Look through the lines below for the word "spatial", and copy every line that has it.

Records from a data collection
----------------------------------------

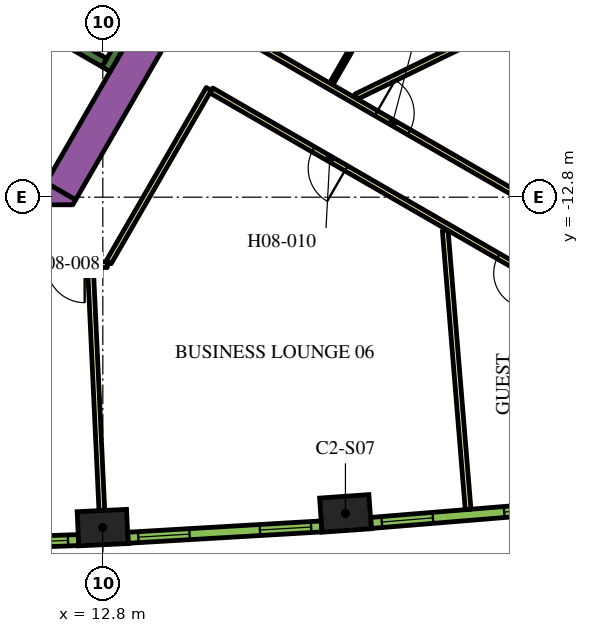
"""IFC4 building model, lengths in metres.
Left out: names, types, materials, properties, quantities, classifications, styles, units other than length and angle.
Written with IfcOpenShell. Run it as: python <this file> out.ifc"""

import sys

from ifc_helpers import new_model, si_unit, direction, frame, frame_2d, origin, origin_2d, place, context, subcontext, project, spatial, polyline, rectangle, outline, extrude, element, fill, save


model = new_model("IFC4")
c1 = context("Model", 3, precision=1e-05, world=origin(), true_north=direction((0.0, 1.0)))
c2 = subcontext(c1, "Body", "Model", "MODEL_VIEW")
j1 = project(units=[si_unit("LENGTHUNIT", "METRE"), si_unit("PLANEANGLEUNIT", "RADIAN")], contexts=[c1])
p1 = place(None, origin())
s1 = spatial("IfcSite", under=j1, at=p1, CompositionType="ELEMENT")
p2 = place(p1, origin())
s2 = spatial("IfcBuilding", under=s1, at=p2, CompositionType="ELEMENT")
p3 = place(p2, frame((0.0, 0.0, 111.0)))
s3 = spatial("IfcBuildingStorey", under=s2, at=p3, CompositionType="ELEMENT", Elevation=111.0)
for number, where, z_axis, x_axis in (
    (1, (12.795, -21.494, 0.0), (0.0, 0.0, 1.0), (0.999, 0.047, 0.0)),
    (2, (19.184, -21.12, 0.0), (0.0, 0.0, 1.0), (0.998, 0.07, 0.0)),
):
    element("IfcColumn", number, at=place(p3, frame(where, z_axis=z_axis, x_axis=x_axis)), inside=s3, PredefinedType="COLUMN", context=c2, shape_type="SweptSolid", body=[
        extrude(rectangle(XDim=1.3, YDim=0.9, at=origin_2d()), origin(), (0.0, 0.0, 1.0), 3.9),
    ])
p4 = place(p3, frame((11.695, -12.644, 0.0), z_axis=(0.0, 0.0, 1.0), x_axis=(0.500010229568, 0.86601949766, 0.0)))
e3 = element("IfcWall", 3, at=p4, inside=s3, PredefinedType="SOLIDWALL", context=c2, shape_type="SweptSolid", body=[
    extrude(rectangle(XDim=9.326, YDim=0.9, at=frame_2d((4.663, 0.0))), origin(), (0.0, 0.0, 1.0), 3.9),
])
p5 = place(p3, origin())
e4 = element("IfcWall", 4, at=p5, inside=s3, PredefinedType="SOLIDWALL", context=c2, shape_type="SweptSolid", body=[
    extrude(outline(polyline([(12.009, -13.0), (11.312, -13.0), (11.312, -12.425), (12.083, -12.871), (12.009, -13.0)])), origin(), (0.0, 0.0, 1.0), 3.9),
])
e5 = element("IfcWall", 5, at=p5, inside=s3, PredefinedType="SOLIDWALL", context=c2, shape_type="SweptSolid", body=[
    extrude(outline(polyline([(11.489, -12.1), (11.312, -12.407), (11.312, -12.1), (11.489, -12.1)])), origin(), (0.0, 0.0, 1.0), 3.9),
])
p6 = place(p3, frame((12.885, -9.431, 0.0), z_axis=(0.0, 0.0, 1.0), x_axis=(0.500020560727, 0.866013532718, 0.0)))
e6 = element("IfcWall", 6, at=p6, inside=s3, PredefinedType="SOLIDWALL", context=c2, shape_type="SweptSolid", body=[
    extrude(rectangle(XDim=3.45, YDim=0.25, at=frame_2d((1.725, 0.0))), origin(), (0.0, 0.0, 1.0), 3.9),
])
p7 = place(p3, frame((12.84, -9.261, 0.0), z_axis=(0.0, 0.0, 1.0), x_axis=(-0.866013990052, 0.500019768644, 0.0)))
e7 = element("IfcWall", 7, at=p7, inside=s3, PredefinedType="SOLIDWALL", context=c2, shape_type="SweptSolid", body=[
    extrude(rectangle(XDim=6.8, YDim=0.25, at=frame_2d((3.4, 0.0))), origin(), (0.0, 0.0, 1.0), 3.9),
])
p8 = place(p3, frame((16.412, -8.523, 0.0), z_axis=(0.0, 0.0, 1.0), x_axis=(0.866025629663, -0.499999608766, 0.0)))
e8 = element("IfcWall", 8, at=p8, inside=s3, PredefinedType="PARTITIONING", context=c2, shape_type="SweptSolid", body=[
    extrude(rectangle(XDim=13.624, YDim=0.15, at=frame_2d((6.812, 0.0))), origin(), (0.0, 0.0, 1.0), 2.75),
])
p9 = place(p8, frame((4.134, 0.0, 0.0)))
e9 = element("IfcOpeningElement", 9, at=p9, cuts=e8, PredefinedType="OPENING", context=c2, shape_type="SweptSolid", body=[
    extrude(rectangle(XDim=1.0, YDim=2.1, at=frame_2d((0.5, 1.05))), frame((0.0, 0.085, 0.0), z_axis=(0.0, -1.0, 0.0), x_axis=(1.0, 0.0, 0.0)), (0.0, 0.0, 1.0), 0.17),
])
p10 = place(p3, frame((12.918, -14.575, 0.0), z_axis=(0.0, 0.0, 1.0), x_axis=(-1.0, 0.0, 0.0)))
e10 = element("IfcWall", 10, at=p10, inside=s3, PredefinedType="PARTITIONING", context=c2, shape_type="SweptSolid", body=[
    extrude(rectangle(XDim=25.766, YDim=0.15, at=frame_2d((12.883, 0.0))), origin(), (0.0, 0.0, 1.0), 2.75),
])
p11 = place(p10, frame((24.586, 0.0, 0.0)))
e11 = element("IfcOpeningElement", 11, at=p11, cuts=e10, PredefinedType="OPENING", context=c2, shape_type="SweptSolid", body=[
    extrude(rectangle(XDim=1.0, YDim=2.1, at=frame_2d((0.5, 1.05))), frame((0.0, 0.085, 0.0), z_axis=(0.0, -1.0, 0.0), x_axis=(1.0, 0.0, 0.0)), (0.0, 0.0, 1.0), 0.17),
])
p12 = place(p10, frame((13.144, 0.0, 0.0)))
e12 = element("IfcOpeningElement", 12, at=p12, cuts=e10, PredefinedType="OPENING", context=c2, shape_type="SweptSolid", body=[
    extrude(rectangle(XDim=1.0, YDim=2.1, at=frame_2d((0.5, 1.05))), frame((0.0, 0.085, 0.0), z_axis=(0.0, -1.0, 0.0), x_axis=(1.0, 0.0, 0.0)), (0.0, 0.0, 1.0), 0.17),
])
p13 = place(p10, frame((10.874, 0.0, 0.0)))
e13 = element("IfcOpeningElement", 13, at=p13, cuts=e10, PredefinedType="OPENING", context=c2, shape_type="SweptSolid", body=[
    extrude(rectangle(XDim=0.9, YDim=2.1, at=frame_2d((0.45, 1.05))), frame((0.0, 0.085, 0.0), z_axis=(0.0, -1.0, 0.0), x_axis=(1.0, 0.0, 0.0)), (0.0, 0.0, 1.0), 0.17),
])
p14 = place(p10, frame((0.596, 0.0, 0.0)))
e14 = element("IfcOpeningElement", 14, at=p14, cuts=e10, PredefinedType="OPENING", context=c2, shape_type="SweptSolid", body=[
    extrude(rectangle(XDim=1.0, YDim=2.1, at=frame_2d((0.5, 1.05))), frame((0.0, 0.085, 0.0), z_axis=(0.0, -1.0, 0.0), x_axis=(1.0, 0.0, 0.0)), (0.0, 0.0, 1.0), 0.17),
])
p15 = place(p3, frame((15.587, -9.952, 0.0), z_axis=(0.0, 0.0, 1.0), x_axis=(-0.500016618951, -0.866015808616, 0.0)))
e15 = element("IfcWall", 15, at=p15, inside=s3, PredefinedType="PARTITIONING", context=c2, shape_type="SweptSolid", body=[
    extrude(rectangle(XDim=5.268, YDim=0.15, at=frame_2d((2.634, 0.0))), origin(), (0.0, 0.0, 1.0), 2.75),
])
p16 = place(p3, frame((27.386, -16.764, 0.0), z_axis=(0.0, 0.0, 1.0), x_axis=(-0.866022585856, 0.500004880763, 0.0)))
e16 = element("IfcWall", 16, at=p16, inside=s3, PredefinedType="PARTITIONING", context=c2, shape_type="SweptSolid", body=[
    extrude(rectangle(XDim=13.544, YDim=0.15, at=frame_2d((6.772, 0.0))), origin(), (0.0, 0.0, 1.0), 2.75),
])
p17 = place(p16, frame((9.447, 0.0, 0.0)))
e17 = element("IfcOpeningElement", 17, at=p17, cuts=e16, PredefinedType="OPENING", context=c2, shape_type="SweptSolid", body=[
    extrude(rectangle(XDim=1.0, YDim=2.1, at=frame_2d((0.5, 1.05))), frame((0.0, 0.085, 0.0), z_axis=(0.0, -1.0, 0.0), x_axis=(1.0, 0.0, 0.0)), (0.0, 0.0, 1.0), 0.17),
])
p18 = place(p16, frame((3.926, 0.0, 0.0)))
e18 = element("IfcOpeningElement", 18, at=p18, cuts=e16, PredefinedType="OPENING", context=c2, shape_type="SweptSolid", body=[
    extrude(rectangle(XDim=0.9, YDim=2.1, at=frame_2d((0.45, 1.05))), frame((0.0, 0.085, 0.0), z_axis=(0.0, -1.0, 0.0), x_axis=(1.0, 0.0, 0.0)), (0.0, 0.0, 1.0), 0.17),
])
p19 = place(p3, frame((12.774, -21.045, 0.0), z_axis=(0.0, 0.0, 1.0), x_axis=(-0.046750341626, 0.998906605023, 0.0)))
e19 = element("IfcWall", 19, at=p19, inside=s3, PredefinedType="PARTITIONING", context=c2, shape_type="SweptSolid", body=[
    extrude(rectangle(XDim=6.392, YDim=0.15, at=frame_2d((3.196, 0.0))), origin(), (0.0, 0.0, 1.0), 2.75),
])
p20 = place(p3, frame((27.478, -6.251, 0.0), z_axis=(0.0, 0.0, 1.0), x_axis=(-0.898940618603, -0.438070501432, 0.0)))
e20 = element("IfcWall", 20, at=p20, inside=s3, PredefinedType="PARTITIONING", context=c2, shape_type="SweptSolid", body=[
    extrude(rectangle(XDim=8.909, YDim=0.15, at=frame_2d((4.455, 0.0))), origin(), (0.0, 0.0, 1.0), 2.75),
])
p21 = place(p3, frame((22.412, -21.016, 0.0), z_axis=(0.0, 0.0, 1.0), x_axis=(-0.081744540534, 0.996653314896, 0.0)))
e21 = element("IfcWall", 21, at=p21, inside=s3, PredefinedType="PARTITIONING", context=c2, shape_type="SweptSolid", body=[
    extrude(rectangle(XDim=7.362, YDim=0.15, at=frame_2d((3.681, 0.0))), origin(), (0.0, 0.0, 1.0), 2.75),
])
p22 = place(p3, frame((19.877, -7.972, 0.0), z_axis=(0.0, 0.0, 1.0), x_axis=(-0.500010206181, -0.866019511163, 0.0)))
e22 = element("IfcWall", 22, at=p22, inside=s3, PredefinedType="PARTITIONING", context=c2, shape_type="SweptSolid", body=[
    extrude(rectangle(XDim=2.13, YDim=0.1, at=frame_2d((1.065, 0.0))), origin(), (0.0, 0.0, 1.0), 2.75),
])
p23 = place(p3, frame((7.059, -22.001, 0.0), z_axis=(0.0, 0.0, 1.0), x_axis=(0.999385993957, 0.035037623812, 0.0)))
e23 = element("IfcWall", 23, at=p23, inside=s3, PredefinedType="SOLIDWALL", context=c2, shape_type="SweptSolid", body=[
    extrude(rectangle(XDim=5.101, YDim=0.29, at=frame_2d((2.55, 0.0))), origin(), (0.0, 0.0, 1.0), 3.65),
])
p24 = place(p23, frame((0.273, 0.0, 0.9)))
e24 = element("IfcOpeningElement", 24, at=p24, cuts=e23, PredefinedType="OPENING", context=c2, shape_type="SweptSolid", body=[
    extrude(rectangle(XDim=1.35, YDim=2.15, at=frame_2d((0.675, 1.075))), frame((0.0, 0.155, 0.0), z_axis=(0.0, -1.0, 0.0), x_axis=(1.0, 0.0, 0.0)), (0.0, 0.0, 1.0), 0.31),
])
p25 = place(p23, frame((3.478, 0.0, 0.9)))
e25 = element("IfcOpeningElement", 25, at=p25, cuts=e23, PredefinedType="OPENING", context=c2, shape_type="SweptSolid", body=[
    extrude(rectangle(XDim=1.35, YDim=2.15, at=frame_2d((0.675, 1.075))), frame((0.0, 0.155, 0.0), z_axis=(0.0, -1.0, 0.0), x_axis=(1.0, 0.0, 0.0)), (0.0, 0.0, 1.0), 0.31),
])
p26 = place(p3, frame((13.462, -21.761, 0.0), z_axis=(0.0, 0.0, 1.0), x_axis=(0.998290511436, 0.058447025388, 0.0)))
e26 = element("IfcWall", 26, at=p26, inside=s3, PredefinedType="SOLIDWALL", context=c2, shape_type="SweptSolid", body=[
    extrude(rectangle(XDim=5.1, YDim=0.29, at=frame_2d((2.55, 0.0))), origin(), (0.0, 0.0, 1.0), 3.65),
])
p27 = place(p26, frame((0.272, 0.0, 0.9)))
e27 = element("IfcOpeningElement", 27, at=p27, cuts=e26, PredefinedType="OPENING", context=c2, shape_type="SweptSolid", body=[
    extrude(rectangle(XDim=1.35, YDim=2.15, at=frame_2d((0.675, 1.075))), frame((0.0, 0.155, 0.0), z_axis=(0.0, -1.0, 0.0), x_axis=(1.0, 0.0, 0.0)), (0.0, 0.0, 1.0), 0.31),
])
p28 = place(p26, frame((3.478, 0.0, 0.9)))
e28 = element("IfcOpeningElement", 28, at=p28, cuts=e26, PredefinedType="OPENING", context=c2, shape_type="SweptSolid", body=[
    extrude(rectangle(XDim=1.35, YDim=2.15, at=frame_2d((0.675, 1.075))), frame((0.0, 0.155, 0.0), z_axis=(0.0, -1.0, 0.0), x_axis=(1.0, 0.0, 0.0)), (0.0, 0.0, 1.0), 0.31),
])
p29 = place(p3, frame((19.857, -21.371, 0.0), z_axis=(0.0, 0.0, 1.0), x_axis=(0.99665273362, 0.081751627308, 0.0)))
e29 = element("IfcWall", 29, at=p29, inside=s3, PredefinedType="SOLIDWALL", context=c2, shape_type="SweptSolid", body=[
    extrude(rectangle(XDim=5.107, YDim=0.29, at=frame_2d((2.553, 0.0))), origin(), (0.0, 0.0, 1.0), 3.65),
])
p30 = place(p29, frame((0.285, 0.0, 0.9)))
e30 = element("IfcOpeningElement", 30, at=p30, cuts=e29, PredefinedType="OPENING", context=c2, shape_type="SweptSolid", body=[
    extrude(rectangle(XDim=1.35, YDim=2.15, at=frame_2d((0.675, 1.075))), frame((0.0, 0.155, 0.0), z_axis=(0.0, -1.0, 0.0), x_axis=(1.0, 0.0, 0.0)), (0.0, 0.0, 1.0), 0.31),
])
p31 = place(p29, frame((3.516, 0.0, 0.9)))
e31 = element("IfcOpeningElement", 31, at=p31, cuts=e29, PredefinedType="OPENING", context=c2, shape_type="SweptSolid", body=[
    extrude(rectangle(XDim=1.35, YDim=2.15, at=frame_2d((0.675, 1.075))), frame((0.0, 0.155, 0.0), z_axis=(0.0, -1.0, 0.0), x_axis=(1.0, 0.0, 0.0)), (0.0, 0.0, 1.0), 0.31),
])
p32 = place(p14, origin())
e32 = element("IfcDoor", 32, at=p32, inside=s3, OperationType="SINGLE_SWING_LEFT", PredefinedType="DOOR", context=c2, shape_type="SweptSolid", body=[
    extrude(rectangle(XDim=1.0, YDim=2.1, at=frame_2d((0.5, 1.05))), frame((0.0, 0.025, 0.0), z_axis=(0.0, -1.0, 0.0), x_axis=(1.0, 0.0, 0.0)), (0.0, 0.0, 1.0), 0.05),
])
fill(e14, e32)
p33 = place(p17, origin())
e33 = element("IfcDoor", 33, at=p33, inside=s3, OperationType="SINGLE_SWING_RIGHT", PredefinedType="DOOR", context=c2, shape_type="SweptSolid", body=[
    extrude(rectangle(XDim=1.0, YDim=2.1, at=frame_2d((0.5, 1.05))), frame((0.0, 0.025, 0.0), z_axis=(0.0, -1.0, 0.0), x_axis=(1.0, 0.0, 0.0)), (0.0, 0.0, 1.0), 0.05),
])
fill(e17, e33)
p34 = place(p18, origin())
e34 = element("IfcDoor", 34, at=p34, inside=s3, OperationType="SINGLE_SWING_LEFT", PredefinedType="DOOR", context=c2, shape_type="SweptSolid", body=[
    extrude(rectangle(XDim=0.9, YDim=2.1, at=frame_2d((0.45, 1.05))), frame((0.0, 0.025, 0.0), z_axis=(0.0, -1.0, 0.0), x_axis=(1.0, 0.0, 0.0)), (0.0, 0.0, 1.0), 0.05),
])
fill(e18, e34)
p35 = place(p9, origin())
e35 = element("IfcDoor", 35, at=p35, inside=s3, OperationType="SINGLE_SWING_LEFT", PredefinedType="DOOR", context=c2, shape_type="SweptSolid", body=[
    extrude(rectangle(XDim=1.0, YDim=2.1, at=frame_2d((0.5, 1.05))), frame((0.0, 0.025, 0.0), z_axis=(0.0, -1.0, 0.0), x_axis=(1.0, 0.0, 0.0)), (0.0, 0.0, 1.0), 0.05),
])
fill(e9, e35)
p36 = place(p25, origin())
e36 = element("IfcWindow", 36, at=p36, inside=s3, PartitioningType="DOUBLE_PANEL_VERTICAL", PredefinedType="WINDOW", context=c2, shape_type="SweptSolid", body=[
    extrude(rectangle(XDim=1.35, YDim=2.15, at=frame_2d((0.675, 1.075))), frame((0.0, 0.015, 0.0), z_axis=(0.0, -1.0, 0.0), x_axis=(1.0, 0.0, 0.0)), (0.0, 0.0, 1.0), 0.06),
])
fill(e25, e36)
p37 = place(p27, origin())
e37 = element("IfcWindow", 37, at=p37, inside=s3, PartitioningType="DOUBLE_PANEL_VERTICAL", PredefinedType="WINDOW", context=c2, shape_type="SweptSolid", body=[
    extrude(rectangle(XDim=1.35, YDim=2.15, at=frame_2d((0.675, 1.075))), frame((0.0, 0.015, 0.0), z_axis=(0.0, -1.0, 0.0), x_axis=(1.0, 0.0, 0.0)), (0.0, 0.0, 1.0), 0.06),
])
fill(e27, e37)
p38 = place(p28, origin())
e38 = element("IfcWindow", 38, at=p38, inside=s3, PartitioningType="DOUBLE_PANEL_VERTICAL", PredefinedType="WINDOW", context=c2, shape_type="SweptSolid", body=[
    extrude(rectangle(XDim=1.35, YDim=2.15, at=frame_2d((0.675, 1.075))), frame((0.0, 0.015, 0.0), z_axis=(0.0, -1.0, 0.0), x_axis=(1.0, 0.0, 0.0)), (0.0, 0.0, 1.0), 0.06),
])
fill(e28, e38)
p39 = place(p30, origin())
e39 = element("IfcWindow", 39, at=p39, inside=s3, PartitioningType="DOUBLE_PANEL_VERTICAL", PredefinedType="WINDOW", context=c2, shape_type="SweptSolid", body=[
    extrude(rectangle(XDim=1.35, YDim=2.15, at=frame_2d((0.675, 1.075))), frame((0.0, 0.015, 0.0), z_axis=(0.0, -1.0, 0.0), x_axis=(1.0, 0.0, 0.0)), (0.0, 0.0, 1.0), 0.06),
])
fill(e30, e39)
p40 = place(p31, origin())
e40 = element("IfcWindow", 40, at=p40, inside=s3, PartitioningType="DOUBLE_PANEL_VERTICAL", PredefinedType="WINDOW", context=c2, shape_type="SweptSolid", body=[
    extrude(rectangle(XDim=1.35, YDim=2.15, at=frame_2d((0.675, 1.075))), frame((0.0, 0.015, 0.0), z_axis=(0.0, -1.0, 0.0), x_axis=(1.0, 0.0, 0.0)), (0.0, 0.0, 1.0), 0.06),
])
fill(e31, e40)
save(model, sys.argv[1])

----------------------------------------

» Answer to the exercise:
from ifc_helpers import new_model, si_unit, direction, frame, frame_2d, origin, origin_2d, place, context, subcontext, project, spatial, polyline, rectangle, outline, extrude, element, fill, save
s1 = spatial("IfcSite", under=j1, at=p1, CompositionType="ELEMENT")
s2 = spatial("IfcBuilding", under=s1, at=p2, CompositionType="ELEMENT")
s3 = spatial("IfcBuildingStorey", under=s2, at=p3, CompositionType="ELEMENT", Elevation=111.0)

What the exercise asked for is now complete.